Please set down word for word every line from the one holding "line L3 (-2.5, -1.4434) -> (0, -2.8868)" to the end of the data below, both included.

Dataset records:
________________
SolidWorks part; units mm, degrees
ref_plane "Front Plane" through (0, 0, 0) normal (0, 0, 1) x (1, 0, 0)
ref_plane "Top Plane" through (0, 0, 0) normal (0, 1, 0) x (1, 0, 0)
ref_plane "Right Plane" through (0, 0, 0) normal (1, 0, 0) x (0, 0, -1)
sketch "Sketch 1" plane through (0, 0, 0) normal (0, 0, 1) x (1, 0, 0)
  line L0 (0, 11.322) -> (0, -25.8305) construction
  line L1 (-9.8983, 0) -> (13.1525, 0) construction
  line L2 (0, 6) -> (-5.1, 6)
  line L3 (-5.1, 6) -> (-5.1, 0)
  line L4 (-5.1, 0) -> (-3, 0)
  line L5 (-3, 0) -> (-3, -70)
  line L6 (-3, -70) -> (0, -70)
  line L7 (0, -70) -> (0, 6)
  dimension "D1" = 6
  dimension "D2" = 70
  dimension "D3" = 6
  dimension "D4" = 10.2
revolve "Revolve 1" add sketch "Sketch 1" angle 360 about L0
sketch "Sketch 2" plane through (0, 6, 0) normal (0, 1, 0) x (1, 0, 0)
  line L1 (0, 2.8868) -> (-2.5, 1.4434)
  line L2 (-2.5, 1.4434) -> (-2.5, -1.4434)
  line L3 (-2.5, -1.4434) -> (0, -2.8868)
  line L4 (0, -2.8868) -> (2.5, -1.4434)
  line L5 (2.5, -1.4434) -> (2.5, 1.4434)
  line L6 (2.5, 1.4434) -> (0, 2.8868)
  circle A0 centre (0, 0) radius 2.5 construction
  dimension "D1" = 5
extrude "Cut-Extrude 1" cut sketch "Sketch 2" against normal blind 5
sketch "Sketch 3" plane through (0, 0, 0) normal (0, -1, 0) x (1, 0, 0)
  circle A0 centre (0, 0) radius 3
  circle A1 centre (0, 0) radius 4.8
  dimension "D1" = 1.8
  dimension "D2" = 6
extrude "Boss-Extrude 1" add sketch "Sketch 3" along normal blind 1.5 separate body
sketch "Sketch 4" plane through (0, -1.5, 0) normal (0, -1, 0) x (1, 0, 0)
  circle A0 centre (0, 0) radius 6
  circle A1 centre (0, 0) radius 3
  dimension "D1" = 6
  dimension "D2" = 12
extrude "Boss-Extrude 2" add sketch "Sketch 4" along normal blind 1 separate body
________________
The answer
  line L3 (-2.5, -1.4434) -> (0, -2.8868)
  line L4 (0, -2.8868) -> (2.5, -1.4434)
  line L5 (2.5, -1.4434) -> (2.5, 1.4434)
  line L6 (2.5, 1.4434) -> (0, 2.8868)
  circle A0 centre (0, 0) radius 2.5 construction
  dimension "D1" = 5
extrude "Cut-Extrude 1" cut sketch "Sketch 2" against normal blind 5
sketch "Sketch 3" plane through (0, 0, 0) normal (0, -1, 0) x (1, 0, 0)
  circle A0 centre (0, 0) radius 3
  circle A1 centre (0, 0) radius 4.8
  dimension "D1" = 1.8
  dimension "D2" = 6
extrude "Boss-Extrude 1" add sketch "Sketch 3" along normal blind 1.5 separate body
sketch "Sketch 4" plane through (0, -1.5, 0) normal (0, -1, 0) x (1, 0, 0)
  circle A0 centre (0, 0) radius 6
  circle A1 centre (0, 0) radius 3
  dimension "D1" = 6
  dimension "D2" = 12
extrude "Boss-Extrude 2" add sketch "Sketch 4" along normal blind 1 separate body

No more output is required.